* **EXERCISE DETAILS**
The line containing "#1=COLOUR_RGB('',0.7922,0.8196,0.9333);" marks the end: restate word for word every line from the first line of the entries below through that one.
WORKING DATA below:
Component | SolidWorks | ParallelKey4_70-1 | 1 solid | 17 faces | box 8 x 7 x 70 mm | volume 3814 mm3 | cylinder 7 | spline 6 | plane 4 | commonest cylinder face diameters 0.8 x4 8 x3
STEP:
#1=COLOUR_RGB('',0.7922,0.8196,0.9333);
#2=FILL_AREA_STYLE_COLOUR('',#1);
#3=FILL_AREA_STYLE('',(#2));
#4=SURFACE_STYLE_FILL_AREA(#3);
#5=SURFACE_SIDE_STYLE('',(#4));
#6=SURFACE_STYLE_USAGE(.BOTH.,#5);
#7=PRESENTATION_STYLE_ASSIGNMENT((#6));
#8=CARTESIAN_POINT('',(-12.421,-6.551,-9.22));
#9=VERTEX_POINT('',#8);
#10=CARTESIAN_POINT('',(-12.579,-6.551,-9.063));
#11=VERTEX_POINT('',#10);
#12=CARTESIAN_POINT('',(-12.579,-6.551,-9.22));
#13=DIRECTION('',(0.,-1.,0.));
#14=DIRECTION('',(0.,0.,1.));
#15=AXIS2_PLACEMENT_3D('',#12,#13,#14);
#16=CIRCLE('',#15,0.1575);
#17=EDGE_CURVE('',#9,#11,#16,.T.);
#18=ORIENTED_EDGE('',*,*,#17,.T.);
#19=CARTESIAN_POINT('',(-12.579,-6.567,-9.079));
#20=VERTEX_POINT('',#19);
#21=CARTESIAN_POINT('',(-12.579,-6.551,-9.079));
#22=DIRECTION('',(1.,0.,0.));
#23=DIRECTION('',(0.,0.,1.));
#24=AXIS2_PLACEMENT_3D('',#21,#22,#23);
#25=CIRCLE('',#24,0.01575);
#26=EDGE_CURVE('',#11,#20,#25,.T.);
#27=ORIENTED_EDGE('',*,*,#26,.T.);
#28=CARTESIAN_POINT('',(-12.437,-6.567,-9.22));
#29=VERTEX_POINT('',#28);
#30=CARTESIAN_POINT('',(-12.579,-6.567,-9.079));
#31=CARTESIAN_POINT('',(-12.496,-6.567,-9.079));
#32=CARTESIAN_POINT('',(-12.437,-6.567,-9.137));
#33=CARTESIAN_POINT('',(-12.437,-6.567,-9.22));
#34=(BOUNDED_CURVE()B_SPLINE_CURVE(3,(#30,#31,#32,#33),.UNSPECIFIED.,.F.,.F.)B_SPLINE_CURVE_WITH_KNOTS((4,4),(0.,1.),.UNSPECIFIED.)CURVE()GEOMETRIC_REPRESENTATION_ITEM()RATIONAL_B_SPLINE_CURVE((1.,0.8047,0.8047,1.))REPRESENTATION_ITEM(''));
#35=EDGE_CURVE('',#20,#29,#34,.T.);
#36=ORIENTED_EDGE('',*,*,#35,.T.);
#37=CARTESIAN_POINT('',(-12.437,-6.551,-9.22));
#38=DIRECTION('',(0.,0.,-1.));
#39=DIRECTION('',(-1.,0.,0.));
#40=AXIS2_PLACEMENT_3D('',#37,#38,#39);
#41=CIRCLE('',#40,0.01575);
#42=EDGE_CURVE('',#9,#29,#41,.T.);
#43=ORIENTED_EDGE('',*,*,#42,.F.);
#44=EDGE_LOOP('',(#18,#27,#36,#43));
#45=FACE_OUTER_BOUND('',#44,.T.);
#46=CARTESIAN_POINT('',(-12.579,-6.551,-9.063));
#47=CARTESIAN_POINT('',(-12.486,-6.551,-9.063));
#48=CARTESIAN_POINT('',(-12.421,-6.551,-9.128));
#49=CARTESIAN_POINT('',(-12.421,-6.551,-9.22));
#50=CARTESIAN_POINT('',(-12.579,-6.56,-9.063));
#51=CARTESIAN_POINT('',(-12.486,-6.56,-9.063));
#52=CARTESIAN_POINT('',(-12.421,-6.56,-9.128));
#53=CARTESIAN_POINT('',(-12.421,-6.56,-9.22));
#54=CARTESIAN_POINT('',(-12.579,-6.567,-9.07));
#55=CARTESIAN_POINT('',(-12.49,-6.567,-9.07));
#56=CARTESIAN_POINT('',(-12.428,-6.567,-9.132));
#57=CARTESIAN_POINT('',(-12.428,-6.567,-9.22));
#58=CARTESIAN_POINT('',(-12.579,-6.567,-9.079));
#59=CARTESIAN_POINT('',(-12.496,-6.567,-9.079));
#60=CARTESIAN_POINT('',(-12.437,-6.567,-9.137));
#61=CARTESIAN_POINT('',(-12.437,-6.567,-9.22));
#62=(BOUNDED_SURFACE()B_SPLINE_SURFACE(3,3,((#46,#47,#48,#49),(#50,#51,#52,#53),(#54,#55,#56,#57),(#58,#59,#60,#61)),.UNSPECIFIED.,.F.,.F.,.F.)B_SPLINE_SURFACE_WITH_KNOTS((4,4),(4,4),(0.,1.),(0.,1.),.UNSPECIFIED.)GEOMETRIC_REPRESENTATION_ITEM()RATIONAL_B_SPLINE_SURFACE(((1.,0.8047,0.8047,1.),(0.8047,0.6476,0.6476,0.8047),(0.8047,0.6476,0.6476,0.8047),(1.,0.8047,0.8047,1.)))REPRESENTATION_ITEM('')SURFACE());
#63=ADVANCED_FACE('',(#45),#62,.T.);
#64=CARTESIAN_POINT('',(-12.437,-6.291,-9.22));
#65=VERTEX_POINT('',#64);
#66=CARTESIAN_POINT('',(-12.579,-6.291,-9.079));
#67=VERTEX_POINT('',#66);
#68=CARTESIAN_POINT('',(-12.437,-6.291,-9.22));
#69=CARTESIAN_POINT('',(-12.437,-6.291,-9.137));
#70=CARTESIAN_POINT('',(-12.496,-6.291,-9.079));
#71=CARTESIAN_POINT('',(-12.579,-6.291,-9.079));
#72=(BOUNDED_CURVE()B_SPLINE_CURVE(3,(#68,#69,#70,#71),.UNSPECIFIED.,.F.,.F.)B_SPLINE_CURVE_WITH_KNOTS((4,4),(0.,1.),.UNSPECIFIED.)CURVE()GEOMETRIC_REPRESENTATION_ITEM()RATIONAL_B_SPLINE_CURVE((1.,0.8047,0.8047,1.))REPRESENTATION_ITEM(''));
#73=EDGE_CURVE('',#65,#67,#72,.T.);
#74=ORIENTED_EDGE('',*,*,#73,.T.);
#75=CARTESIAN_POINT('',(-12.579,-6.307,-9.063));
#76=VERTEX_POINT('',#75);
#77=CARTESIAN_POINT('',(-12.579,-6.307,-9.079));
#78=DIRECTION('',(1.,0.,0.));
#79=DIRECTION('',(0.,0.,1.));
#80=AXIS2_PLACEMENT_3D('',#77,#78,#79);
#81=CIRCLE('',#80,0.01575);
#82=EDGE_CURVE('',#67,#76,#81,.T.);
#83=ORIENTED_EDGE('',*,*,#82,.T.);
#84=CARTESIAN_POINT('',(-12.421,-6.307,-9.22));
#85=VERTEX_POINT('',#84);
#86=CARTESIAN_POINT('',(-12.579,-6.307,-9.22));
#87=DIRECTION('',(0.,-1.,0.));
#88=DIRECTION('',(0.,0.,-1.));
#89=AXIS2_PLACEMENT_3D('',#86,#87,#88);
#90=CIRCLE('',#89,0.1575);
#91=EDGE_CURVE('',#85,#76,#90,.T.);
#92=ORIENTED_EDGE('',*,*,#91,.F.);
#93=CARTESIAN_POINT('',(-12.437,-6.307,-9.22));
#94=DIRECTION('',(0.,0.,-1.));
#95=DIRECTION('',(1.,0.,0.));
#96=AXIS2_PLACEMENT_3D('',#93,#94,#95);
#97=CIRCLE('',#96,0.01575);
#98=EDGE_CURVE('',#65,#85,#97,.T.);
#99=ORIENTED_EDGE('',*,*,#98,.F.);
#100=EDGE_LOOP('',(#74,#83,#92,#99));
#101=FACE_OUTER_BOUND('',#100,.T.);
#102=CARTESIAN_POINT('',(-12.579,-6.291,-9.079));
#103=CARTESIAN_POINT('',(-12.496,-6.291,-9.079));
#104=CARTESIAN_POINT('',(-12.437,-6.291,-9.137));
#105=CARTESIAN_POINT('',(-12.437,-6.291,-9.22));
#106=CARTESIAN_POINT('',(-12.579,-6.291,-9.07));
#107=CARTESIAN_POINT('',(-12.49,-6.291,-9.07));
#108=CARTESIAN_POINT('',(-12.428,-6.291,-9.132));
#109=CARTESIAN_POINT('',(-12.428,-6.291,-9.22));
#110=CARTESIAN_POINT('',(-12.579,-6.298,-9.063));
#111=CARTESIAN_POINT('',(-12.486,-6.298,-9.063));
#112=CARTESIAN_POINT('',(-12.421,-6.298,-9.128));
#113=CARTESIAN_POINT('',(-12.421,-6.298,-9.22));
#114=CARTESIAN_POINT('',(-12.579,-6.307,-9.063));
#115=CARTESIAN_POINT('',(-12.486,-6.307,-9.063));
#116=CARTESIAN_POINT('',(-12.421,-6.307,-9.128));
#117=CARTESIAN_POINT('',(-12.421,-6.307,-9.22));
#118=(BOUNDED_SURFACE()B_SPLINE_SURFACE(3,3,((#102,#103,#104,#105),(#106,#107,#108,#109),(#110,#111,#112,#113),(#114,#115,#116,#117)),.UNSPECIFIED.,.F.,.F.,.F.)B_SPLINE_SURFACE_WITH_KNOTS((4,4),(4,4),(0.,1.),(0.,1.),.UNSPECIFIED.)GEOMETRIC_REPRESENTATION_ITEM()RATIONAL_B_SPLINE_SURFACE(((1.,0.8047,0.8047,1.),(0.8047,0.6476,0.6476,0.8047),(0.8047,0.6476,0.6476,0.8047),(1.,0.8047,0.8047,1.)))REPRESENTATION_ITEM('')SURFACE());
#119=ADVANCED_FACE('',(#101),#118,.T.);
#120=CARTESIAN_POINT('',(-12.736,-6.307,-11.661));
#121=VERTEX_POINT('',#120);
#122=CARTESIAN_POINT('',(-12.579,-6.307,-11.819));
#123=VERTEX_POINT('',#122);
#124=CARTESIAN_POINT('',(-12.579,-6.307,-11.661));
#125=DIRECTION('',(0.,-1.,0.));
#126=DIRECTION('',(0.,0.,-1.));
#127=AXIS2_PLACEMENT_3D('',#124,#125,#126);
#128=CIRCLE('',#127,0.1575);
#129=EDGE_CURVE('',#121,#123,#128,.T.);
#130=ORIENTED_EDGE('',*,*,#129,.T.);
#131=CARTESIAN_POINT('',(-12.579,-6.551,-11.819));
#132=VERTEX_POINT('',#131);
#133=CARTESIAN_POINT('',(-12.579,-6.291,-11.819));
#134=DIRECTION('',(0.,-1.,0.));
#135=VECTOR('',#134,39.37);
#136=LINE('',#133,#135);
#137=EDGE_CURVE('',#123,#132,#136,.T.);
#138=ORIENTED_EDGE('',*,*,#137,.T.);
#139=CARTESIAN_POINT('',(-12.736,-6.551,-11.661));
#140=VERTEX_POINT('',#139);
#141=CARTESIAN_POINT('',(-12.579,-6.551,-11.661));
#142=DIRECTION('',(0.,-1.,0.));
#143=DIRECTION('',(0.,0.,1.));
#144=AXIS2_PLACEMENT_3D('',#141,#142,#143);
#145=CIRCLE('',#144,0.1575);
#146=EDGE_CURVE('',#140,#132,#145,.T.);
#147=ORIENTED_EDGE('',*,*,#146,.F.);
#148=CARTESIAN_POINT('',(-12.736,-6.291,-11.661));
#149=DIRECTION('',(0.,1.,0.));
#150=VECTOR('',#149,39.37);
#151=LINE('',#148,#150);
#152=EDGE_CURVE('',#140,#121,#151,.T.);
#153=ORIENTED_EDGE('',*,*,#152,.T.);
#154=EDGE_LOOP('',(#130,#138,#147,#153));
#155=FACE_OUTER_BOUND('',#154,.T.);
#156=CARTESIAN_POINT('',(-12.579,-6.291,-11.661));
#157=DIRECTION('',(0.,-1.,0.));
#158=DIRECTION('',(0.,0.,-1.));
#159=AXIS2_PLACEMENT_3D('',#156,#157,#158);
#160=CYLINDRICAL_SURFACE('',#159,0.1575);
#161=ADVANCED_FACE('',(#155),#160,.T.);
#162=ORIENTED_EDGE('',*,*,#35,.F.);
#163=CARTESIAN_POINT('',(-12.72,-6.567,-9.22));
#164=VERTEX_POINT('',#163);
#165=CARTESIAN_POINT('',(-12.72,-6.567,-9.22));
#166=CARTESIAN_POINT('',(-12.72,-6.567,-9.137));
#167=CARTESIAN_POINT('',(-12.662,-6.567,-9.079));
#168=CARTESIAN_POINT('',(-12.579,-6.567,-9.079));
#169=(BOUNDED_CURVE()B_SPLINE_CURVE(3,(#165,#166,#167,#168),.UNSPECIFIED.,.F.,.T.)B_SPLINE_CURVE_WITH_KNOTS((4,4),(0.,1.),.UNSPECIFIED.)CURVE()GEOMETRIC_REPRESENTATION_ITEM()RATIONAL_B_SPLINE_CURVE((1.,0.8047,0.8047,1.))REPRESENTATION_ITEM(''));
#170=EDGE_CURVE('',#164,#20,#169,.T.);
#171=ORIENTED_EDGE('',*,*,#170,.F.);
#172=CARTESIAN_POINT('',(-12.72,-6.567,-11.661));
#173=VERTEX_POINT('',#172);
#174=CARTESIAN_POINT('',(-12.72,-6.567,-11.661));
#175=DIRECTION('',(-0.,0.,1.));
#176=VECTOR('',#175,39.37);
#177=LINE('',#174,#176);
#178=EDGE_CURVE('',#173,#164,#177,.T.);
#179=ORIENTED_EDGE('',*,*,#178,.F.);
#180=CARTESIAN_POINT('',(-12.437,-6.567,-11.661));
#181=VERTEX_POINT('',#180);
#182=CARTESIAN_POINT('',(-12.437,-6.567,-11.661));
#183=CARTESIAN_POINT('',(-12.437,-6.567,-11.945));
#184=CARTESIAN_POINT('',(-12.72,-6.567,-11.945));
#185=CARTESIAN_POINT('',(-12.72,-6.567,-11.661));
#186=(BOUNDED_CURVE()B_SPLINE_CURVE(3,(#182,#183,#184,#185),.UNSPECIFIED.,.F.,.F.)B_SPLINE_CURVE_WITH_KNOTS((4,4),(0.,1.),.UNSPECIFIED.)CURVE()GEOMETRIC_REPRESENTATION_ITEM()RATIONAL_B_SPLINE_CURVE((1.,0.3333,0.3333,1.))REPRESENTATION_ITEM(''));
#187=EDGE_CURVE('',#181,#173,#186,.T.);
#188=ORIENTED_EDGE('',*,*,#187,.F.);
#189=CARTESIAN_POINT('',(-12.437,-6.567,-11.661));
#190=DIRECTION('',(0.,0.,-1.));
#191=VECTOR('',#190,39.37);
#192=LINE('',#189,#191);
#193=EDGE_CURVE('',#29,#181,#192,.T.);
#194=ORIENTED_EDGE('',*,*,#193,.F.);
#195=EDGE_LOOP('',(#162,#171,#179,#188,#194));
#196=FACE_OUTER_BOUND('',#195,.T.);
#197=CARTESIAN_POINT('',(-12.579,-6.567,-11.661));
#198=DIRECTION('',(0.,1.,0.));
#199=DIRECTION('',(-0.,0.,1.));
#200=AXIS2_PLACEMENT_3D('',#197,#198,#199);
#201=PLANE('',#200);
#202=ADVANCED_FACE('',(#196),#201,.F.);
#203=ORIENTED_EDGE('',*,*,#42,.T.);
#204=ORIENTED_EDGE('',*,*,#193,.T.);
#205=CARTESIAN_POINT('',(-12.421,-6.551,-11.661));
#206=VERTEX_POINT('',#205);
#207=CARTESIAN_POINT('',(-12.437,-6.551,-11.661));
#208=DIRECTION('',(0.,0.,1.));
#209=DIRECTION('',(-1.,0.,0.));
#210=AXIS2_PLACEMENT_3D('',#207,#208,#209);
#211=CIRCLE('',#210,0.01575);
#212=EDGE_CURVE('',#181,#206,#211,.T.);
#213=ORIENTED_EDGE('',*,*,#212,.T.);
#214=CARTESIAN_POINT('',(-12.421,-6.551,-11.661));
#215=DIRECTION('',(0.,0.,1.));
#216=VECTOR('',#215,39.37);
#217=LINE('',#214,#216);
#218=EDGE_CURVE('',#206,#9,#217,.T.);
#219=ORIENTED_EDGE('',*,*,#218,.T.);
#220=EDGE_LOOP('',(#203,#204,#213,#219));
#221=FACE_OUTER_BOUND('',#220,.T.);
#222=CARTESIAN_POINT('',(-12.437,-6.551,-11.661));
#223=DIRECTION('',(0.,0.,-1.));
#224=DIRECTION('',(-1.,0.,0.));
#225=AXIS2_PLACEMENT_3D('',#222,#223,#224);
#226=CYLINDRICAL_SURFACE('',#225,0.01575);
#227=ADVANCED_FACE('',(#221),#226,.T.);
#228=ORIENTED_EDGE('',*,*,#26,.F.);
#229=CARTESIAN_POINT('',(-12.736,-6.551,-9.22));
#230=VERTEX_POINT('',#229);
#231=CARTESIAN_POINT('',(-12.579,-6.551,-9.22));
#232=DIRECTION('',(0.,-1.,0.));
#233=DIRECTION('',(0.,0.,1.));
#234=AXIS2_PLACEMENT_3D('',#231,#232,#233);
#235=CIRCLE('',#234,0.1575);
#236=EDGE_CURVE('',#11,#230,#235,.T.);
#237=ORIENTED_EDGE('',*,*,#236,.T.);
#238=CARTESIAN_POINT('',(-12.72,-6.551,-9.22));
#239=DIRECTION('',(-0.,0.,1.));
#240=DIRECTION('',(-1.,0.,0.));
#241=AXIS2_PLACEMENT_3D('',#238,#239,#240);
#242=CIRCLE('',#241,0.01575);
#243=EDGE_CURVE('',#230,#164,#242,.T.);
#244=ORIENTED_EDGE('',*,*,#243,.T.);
End of WORKING DATA.
* **REPLY**
Component | SolidWorks | ParallelKey4_70-1 | 1 solid | 17 faces | box 8 x 7 x 70 mm | volume 3814 mm3 | cylinder 7 | spline 6 | plane 4 | commonest cylinder face diameters 0.8 x4 8 x3
STEP:
#1=COLOUR_RGB('',0.7922,0.8196,0.9333);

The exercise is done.